(Problem statement)
Please reproduce, exactly and in full, the lines running from the one that contains "p14 = place(p13, frame((1.18, 0.0, 1.15)))" to the end of the entries.

____ Data shown

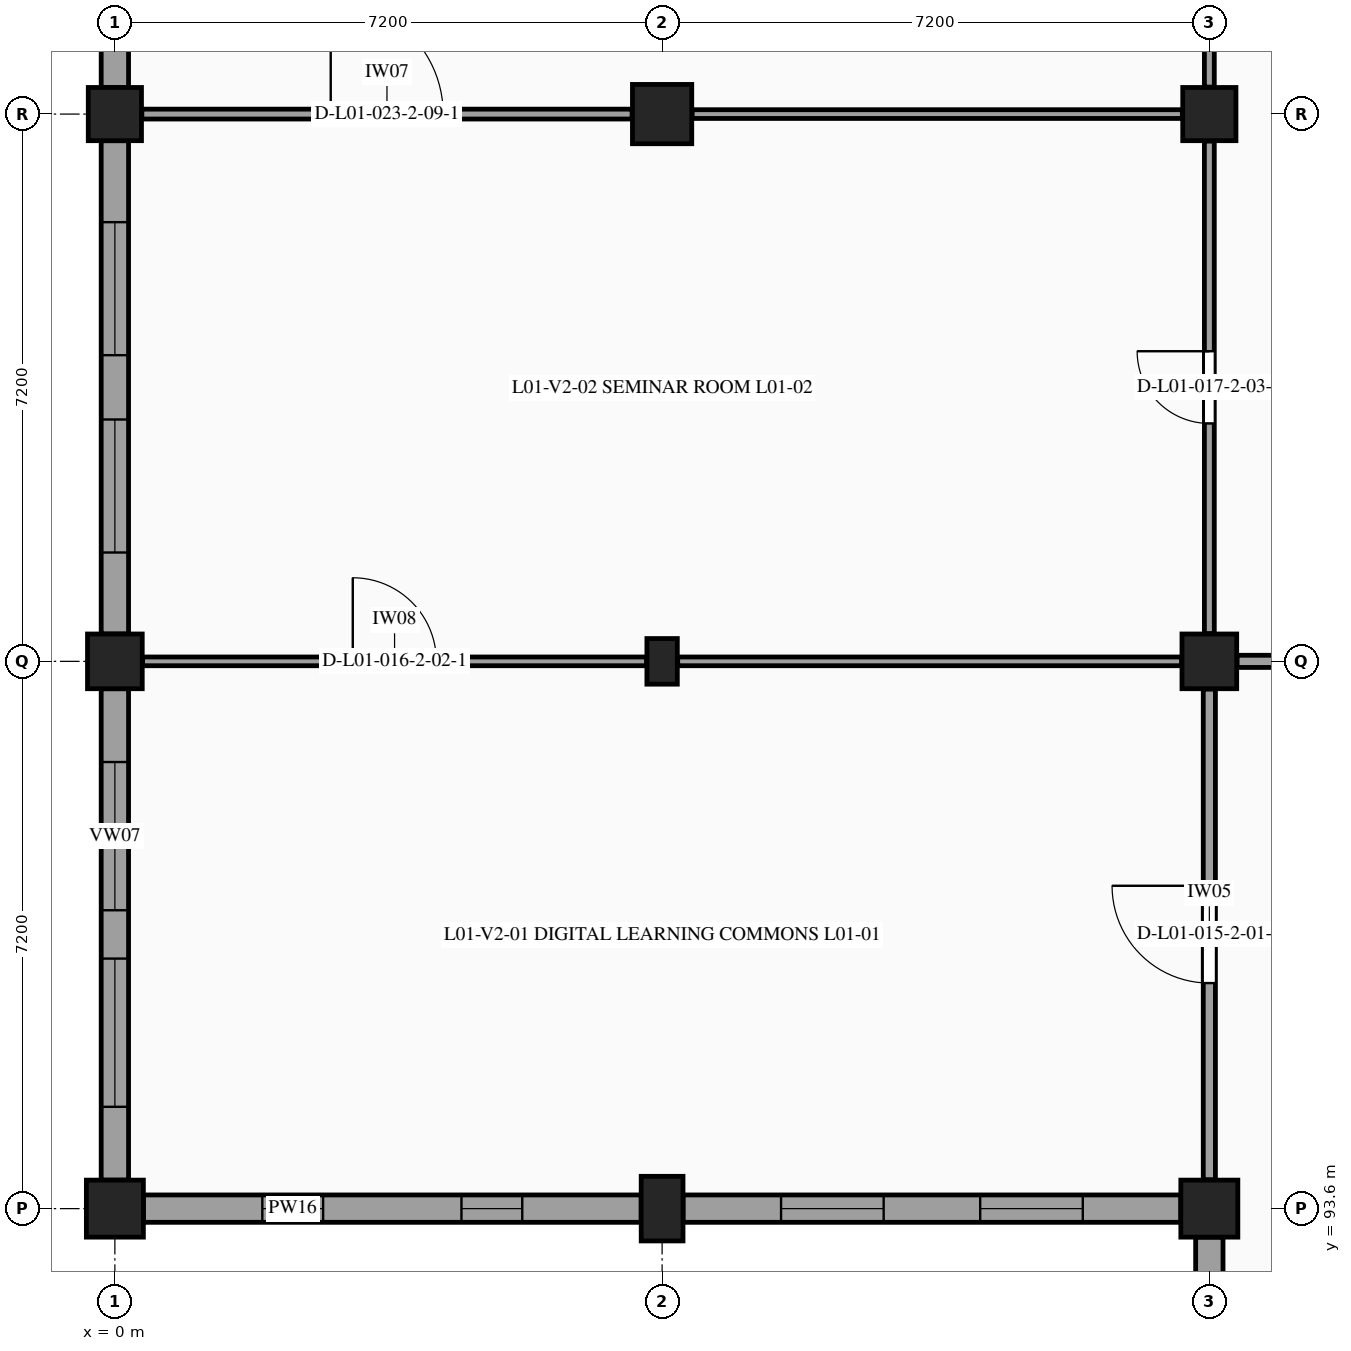
"""IFC4 building model, lengths in metres.
Left out: names, types, materials, properties, quantities, classifications, styles, units other than length and angle.
Written with IfcOpenShell. Run it as: python <this file> out.ifc"""

import sys

from ifc_helpers import new_model, si_unit, direction, frame, frame_2d, origin, origin_2d, place, context, subcontext, project, spatial, rectangle, extrude, element, fill, save


model = new_model("IFC4")
c1 = context("Model", 3, precision=1e-05, world=origin(), true_north=direction((0.0, 1.0)))
c2 = subcontext(c1, "Body", "Model", "MODEL_VIEW")
j1 = project(units=[si_unit("LENGTHUNIT", "METRE"), si_unit("PLANEANGLEUNIT", "RADIAN")], contexts=[c1])
p1 = place(None, origin())
s1 = spatial("IfcSite", under=j1, at=p1, CompositionType="ELEMENT")
p2 = place(p1, origin())
s2 = spatial("IfcBuilding", under=s1, at=p2, CompositionType="ELEMENT")
p3 = place(p2, frame((0.0, 0.0, 5.4)))
s3 = spatial("IfcBuildingStorey", under=s2, at=p3, CompositionType="ELEMENT", Elevation=5.4)
p4 = place(p3, frame((0.0, 93.6, 0.0), z_axis=(0.0, 0.0, 1.0), x_axis=(1.0, 0.0, 0.0)))
e1 = element("IfcColumn", 1, at=p4, inside=s3, PredefinedType="COLUMN", context=c2, shape_type="SweptSolid", body=[
    extrude(rectangle(XDim=0.75, YDim=0.75, at=origin_2d()), origin(), (0.0, 0.0, 1.0), 4.5),
])
p5 = place(p3, frame((0.0, 100.8, 0.0), z_axis=(0.0, 0.0, 1.0), x_axis=(1.0, 0.0, 0.0)))
e2 = element("IfcColumn", 2, at=p5, inside=s3, PredefinedType="COLUMN", context=c2, shape_type="SweptSolid", body=[
    extrude(rectangle(XDim=0.72, YDim=0.72, at=origin_2d()), origin(), (0.0, 0.0, 1.0), 4.5),
])
p6 = place(p3, frame((0.0, 108.0, 0.0), z_axis=(0.0, 0.0, 1.0), x_axis=(1.0, 0.0, 0.0)))
e3 = element("IfcColumn", 3, at=p6, inside=s3, PredefinedType="COLUMN", context=c2, shape_type="SweptSolid", body=[
    extrude(rectangle(XDim=0.7, YDim=0.7, at=origin_2d()), origin(), (0.0, 0.0, 1.0), 4.5),
])
p7 = place(p3, frame((7.2, 93.6, 0.0), z_axis=(0.0, 0.0, 1.0), x_axis=(1.0, 0.0, 0.0)))
e4 = element("IfcColumn", 4, at=p7, inside=s3, PredefinedType="COLUMN", context=c2, shape_type="SweptSolid", body=[
    extrude(rectangle(XDim=0.55, YDim=0.85, at=origin_2d()), origin(), (0.0, 0.0, 1.0), 4.5),
])
p8 = place(p3, frame((7.2, 100.8, 0.0), z_axis=(0.0, 0.0, 1.0), x_axis=(1.0, 0.0, 0.0)))
e5 = element("IfcColumn", 5, at=p8, inside=s3, PredefinedType="PILASTER", context=c2, shape_type="SweptSolid", body=[
    extrude(rectangle(XDim=0.4, YDim=0.6, at=origin_2d()), origin(), (0.0, 0.0, 1.0), 4.5),
])
p9 = place(p3, frame((7.2, 108.0, 0.0), z_axis=(0.0, 0.0, 1.0), x_axis=(1.0, 0.0, 0.0)))
e6 = element("IfcColumn", 6, at=p9, inside=s3, PredefinedType="COLUMN", context=c2, shape_type="SweptSolid", body=[
    extrude(rectangle(XDim=0.78, YDim=0.78, at=origin_2d()), origin(), (0.0, 0.0, 1.0), 4.5),
])
p10 = place(p3, frame((14.4, 93.6, 0.0), z_axis=(0.0, 0.0, 1.0), x_axis=(1.0, 0.0, 0.0)))
e7 = element("IfcColumn", 7, at=p10, inside=s3, PredefinedType="COLUMN", context=c2, shape_type="SweptSolid", body=[
    extrude(rectangle(XDim=0.75, YDim=0.75, at=origin_2d()), origin(), (0.0, 0.0, 1.0), 4.5),
])
p11 = place(p3, frame((14.4, 100.8, 0.0), z_axis=(0.0, 0.0, 1.0), x_axis=(1.0, 0.0, 0.0)))
e8 = element("IfcColumn", 8, at=p11, inside=s3, PredefinedType="COLUMN", context=c2, shape_type="SweptSolid", body=[
    extrude(rectangle(XDim=0.72, YDim=0.72, at=origin_2d()), origin(), (0.0, 0.0, 1.0), 4.5),
])
p12 = place(p3, frame((14.4, 108.0, 0.0), z_axis=(0.0, 0.0, 1.0), x_axis=(1.0, 0.0, 0.0)))
e9 = element("IfcColumn", 9, at=p12, inside=s3, PredefinedType="COLUMN", context=c2, shape_type="SweptSolid", body=[
    extrude(rectangle(XDim=0.7, YDim=0.7, at=origin_2d()), origin(), (0.0, 0.0, 1.0), 4.5),
])
p13 = place(p3, frame((14.4, 86.79, 0.0), z_axis=(0.0, 0.0, 1.0), x_axis=(0.0, 1.0, 0.0)))
e10 = element("IfcWall", 10, at=p13, inside=s3, PredefinedType="STANDARD", context=c2, shape_type="SweptSolid", body=[
    extrude(rectangle(XDim=6.435, YDim=0.36, at=frame_2d((3.218, 0.0))), origin(), (0.0, 0.0, 1.0), 3.455),
])
p14 = place(p13, frame((1.18, 0.0, 1.15)))
e11 = element("IfcOpeningElement", 11, at=p14, cuts=e10, PredefinedType="OPENING", context=c2, shape_type="SweptSolid", body=[
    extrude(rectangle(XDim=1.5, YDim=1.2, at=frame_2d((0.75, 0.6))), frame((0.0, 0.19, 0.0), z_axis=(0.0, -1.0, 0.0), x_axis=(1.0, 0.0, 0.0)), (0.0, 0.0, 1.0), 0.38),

________

(Solution)
p14 = place(p13, frame((1.18, 0.0, 1.15)))
e11 = element("IfcOpeningElement", 11, at=p14, cuts=e10, PredefinedType="OPENING", context=c2, shape_type="SweptSolid", body=[
    extrude(rectangle(XDim=1.5, YDim=1.2, at=frame_2d((0.75, 0.6))), frame((0.0, 0.19, 0.0), z_axis=(0.0, -1.0, 0.0), x_axis=(1.0, 0.0, 0.0)), (0.0, 0.0, 1.0), 0.38),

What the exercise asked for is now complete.